** Brief **
Check each line of the data for "CompositionType", then give the number of lines that have it, without any other words.

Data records
......

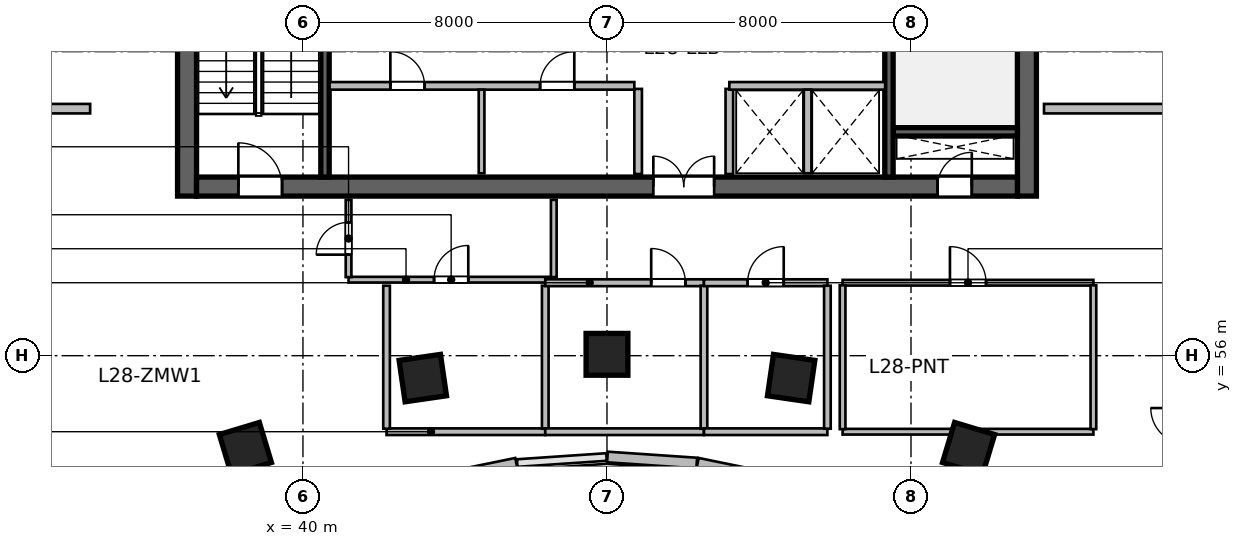
"""IFC4 building model, lengths in metres.
Left out: names, types, materials, properties, quantities, classifications, styles, units other than length and angle.
Written with IfcOpenShell. Run it as: python <this file> out.ifc"""

import sys

from ifc_helpers import new_model, si_unit, direction, frame, frame_2d, origin, origin_2d, place, context, subcontext, project, spatial, rectangle, extrude, source, transform, mapped, element, fill, save


model = new_model("IFC4")
c1 = context("Model", 3, precision=1e-05, world=origin(), true_north=direction((0.0, 1.0)))
c2 = subcontext(c1, "Body", "Model", "MODEL_VIEW")
j1 = project(units=[si_unit("LENGTHUNIT", "METRE"), si_unit("PLANEANGLEUNIT", "RADIAN")], contexts=[c1])
p1 = place(None, origin())
s1 = spatial("IfcSite", under=j1, at=p1, CompositionType="ELEMENT")
p2 = place(p1, origin())
s2 = spatial("IfcBuilding", under=s1, at=p2, CompositionType="ELEMENT")
p3 = place(p2, frame((0.0, 0.0, 119.4)))
s3 = spatial("IfcBuildingStorey", under=s2, at=p3, CompositionType="ELEMENT", Elevation=119.4)
m1 = source(origin(), c2, "Body", "SweptSolid", [
    extrude(rectangle(XDim=12.0, YDim=0.5, at=frame_2d((6.0, 0.0))), origin(), (0.0, 0.0, 1.0), 3.9),
])
for number, where, z_axis, x_axis in (
    (1, (36.95, 60.2, 0.0), (0.0, 0.0, 1.0), (0.0, 1.0, 0.0)),
    (2, (59.05, 60.2, 0.0), (0.0, 0.0, 1.0), (0.0, 1.0, 0.0)),
):
    element("IfcWall", number, at=place(p3, frame(where, z_axis=z_axis, x_axis=x_axis)), inside=s3, PredefinedType="SHEAR", context=c2, shape_type="MappedRepresentation", body=[
        mapped(m1, transform((0.0, 0.0, 0.0), scale=1.0)),
    ])
m2 = source(origin(), c2, "Body", "SweptSolid", [
    extrude(rectangle(XDim=21.6, YDim=0.5, at=frame_2d((10.8, 0.0))), origin(), (0.0, 0.0, 1.0), 3.9),
])
p4 = place(p3, frame((37.2, 60.45, 0.0), z_axis=(0.0, 0.0, 1.0), x_axis=(1.0, 0.0, 0.0)))
e3 = element("IfcWall", 3, at=p4, inside=s3, PredefinedType="SHEAR", context=c2, shape_type="MappedRepresentation", body=[
    mapped(m2, transform((0.0, 0.0, 0.0), scale=1.0)),
])
p5 = place(p4, frame((1.1, 0.0, 0.0)))
e4 = element("IfcOpeningElement", 4, at=p5, cuts=e3, PredefinedType="OPENING", context=c2, shape_type="SweptSolid", body=[
    extrude(rectangle(XDim=1.15, YDim=2.15, at=frame_2d((0.575, 1.075))), frame((0.0, 0.26, 0.0), z_axis=(0.0, -1.0, 0.0), x_axis=(1.0, 0.0, 0.0)), (0.0, 0.0, 1.0), 0.52),
])
p6 = place(p4, frame((19.5, 0.0, 0.0)))
e5 = element("IfcOpeningElement", 5, at=p6, cuts=e3, PredefinedType="OPENING", context=c2, shape_type="SweptSolid", body=[
    extrude(rectangle(XDim=0.9, YDim=2.1, at=frame_2d((0.45, 1.05))), frame((0.0, 0.26, 0.0), z_axis=(0.0, -1.0, 0.0), x_axis=(1.0, 0.0, 0.0)), (0.0, 0.0, 1.0), 0.52),
])
p7 = place(p4, frame((12.02, 0.0, 0.0)))
e6 = element("IfcOpeningElement", 6, at=p7, cuts=e3, PredefinedType="OPENING", context=c2, shape_type="SweptSolid", body=[
    extrude(rectangle(XDim=1.6, YDim=2.15, at=frame_2d((0.8, 1.075))), frame((0.0, 0.26, 0.0), z_axis=(0.0, -1.0, 0.0), x_axis=(1.0, 0.0, 0.0)), (0.0, 0.0, 1.0), 0.52),
])
m3 = source(origin(), c2, "Body", "SweptSolid", [
    extrude(rectangle(XDim=3.27, YDim=0.22, at=frame_2d((1.635, 0.0))), origin(), (0.0, 0.0, 1.0), 3.9),
])
p8 = place(p3, frame((55.53, 61.89, 0.0), z_axis=(0.0, 0.0, 1.0), x_axis=(1.0, 0.0, 0.0)))
e7 = element("IfcWall", 7, at=p8, inside=s3, PredefinedType="SHEAR", context=c2, shape_type="MappedRepresentation", body=[
    mapped(m3, transform((0.0, 0.0, 0.0), scale=1.0)),
])
m4 = source(origin(), c2, "Body", "SweptSolid", [
    extrude(rectangle(XDim=11.0, YDim=0.22, at=frame_2d((5.5, 0.0))), origin(), (0.0, 0.0, 1.0), 3.9),
])
p9 = place(p3, frame((40.58, 60.7, 0.0), z_axis=(0.0, 0.0, 1.0), x_axis=(0.0, 1.0, 0.0)))
e8 = element("IfcWall", 8, at=p9, inside=s3, PredefinedType="SHEAR", context=c2, shape_type="MappedRepresentation", body=[
    mapped(m4, transform((0.0, 0.0, 0.0), scale=1.0)),
])
p10 = place(p3, frame((55.42, 60.7, 0.0), z_axis=(0.0, 0.0, 1.0), x_axis=(0.0, 1.0, 0.0)))
e9 = element("IfcWall", 9, at=p10, inside=s3, PredefinedType="SHEAR", context=c2, shape_type="MappedRepresentation", body=[
    mapped(m4, transform((0.0, 0.0, 0.0), scale=1.0)),
])
p11 = place(p10, frame((9.545, 0.0, 0.0)))
e10 = element("IfcOpeningElement", 10, at=p11, cuts=e9, PredefinedType="OPENING", context=c2, shape_type="SweptSolid", body=[
    extrude(rectangle(XDim=1.15, YDim=2.15, at=frame_2d((0.575, 1.075))), frame((0.0, 0.12, 0.0), z_axis=(0.0, -1.0, 0.0), x_axis=(1.0, 0.0, 0.0)), (0.0, 0.0, 1.0), 0.24),
])
m5 = source(origin(), c2, "Body", "SweptSolid", [
    extrude(rectangle(XDim=1.1, YDim=1.1, at=origin_2d()), origin(), (0.0, 0.0, 1.0), 3.9),
])
for number, where, z_axis, x_axis in (
    (11, (38.485, 53.558, 0.0), (0.0, 0.0, 1.0), (-0.289, 0.957, 0.0)),
    (12, (43.154, 55.411, 0.0), (0.0, 0.0, 1.0), (-0.143, 0.99, 0.0)),
    (13, (48.0, 56.036, 0.0), (0.0, 0.0, 1.0), (0.0, 1.0, 0.0)),
    (14, (52.846, 55.411, 0.0), (0.0, 0.0, 1.0), (0.143, 0.99, 0.0)),
    (15, (57.515, 53.558, 0.0), (0.0, 0.0, 1.0), (0.289, 0.957, 0.0)),
):
    element("IfcColumn", number, at=place(p3, frame(where, z_axis=z_axis, x_axis=x_axis)), inside=s3, PredefinedType="COLUMN", context=c2, shape_type="MappedRepresentation", body=[
        mapped(m5, transform((0.0, 0.0, 0.0), scale=1.0)),
    ])
m6 = source(origin(), c2, "Body", "SweptSolid", [
    extrude(rectangle(XDim=2.374, YDim=0.28, at=frame_2d((1.187, 0.0))), origin(), (0.0, 0.0, 1.0), 3.65),
])
p12 = place(p3, frame((52.711, 52.695, 0.0), z_axis=(0.0, 0.0, 1.0), x_axis=(-0.979619827472, 0.200860632341, 0.0)))
e16 = element("IfcWall", 16, at=p12, inside=s3, PredefinedType="SOLIDWALL", context=c2, shape_type="MappedRepresentation", body=[
    mapped(m6, transform((0.0, 0.0, 0.0), scale=1.0)),
])
m7 = source(origin(), c2, "Body", "SweptSolid", [
    extrude(rectangle(XDim=2.355, YDim=0.28, at=frame_2d((1.177, 0.0))), origin(), (0.0, 0.0, 1.0), 3.65),
])
p13 = place(p3, frame((50.362, 53.175, 0.0), z_axis=(0.0, 0.0, 1.0), x_axis=(-0.997699017577, 0.067798748701, 0.0)))
e17 = element("IfcWall", 17, at=p13, inside=s3, PredefinedType="SOLIDWALL", context=c2, shape_type="MappedRepresentation", body=[
    mapped(m7, transform((0.0, 0.0, 0.0), scale=1.0)),
])
p14 = place(p3, frame((45.614, 53.172, 0.0), z_axis=(0.0, 0.0, 1.0), x_axis=(-0.979619827472, -0.200860632341, 0.0)))
e18 = element("IfcWall", 18, at=p14, inside=s3, PredefinedType="SOLIDWALL", context=c2, shape_type="MappedRepresentation", body=[
    mapped(m6, transform((0.0, 0.0, 0.0), scale=1.0)),
])
m8 = source(origin(), c2, "Body", "SweptSolid", [
    extrude(rectangle(XDim=2.24, YDim=0.2, at=frame_2d((1.12, 0.0))), origin(), (0.0, 0.0, 1.0), 3.65),
])
for number, where, z_axis, x_axis in (
    (19, (48.82, 60.78, 0.0), (0.0, 0.0, 1.0), (0.0, 1.0, 0.0)),
    (20, (51.22, 60.78, 0.0), (0.0, 0.0, 1.0), (0.0, 1.0, 0.0)),
):
    element("IfcWall", number, at=place(p3, frame(where, z_axis=z_axis, x_axis=x_axis)), inside=s3, PredefinedType="SOLIDWALL", context=c2, shape_type="MappedRepresentation", body=[
        mapped(m8, transform((0.0, 0.0, 0.0), scale=1.0)),
    ])
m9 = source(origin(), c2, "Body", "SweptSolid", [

......

** Response area **
3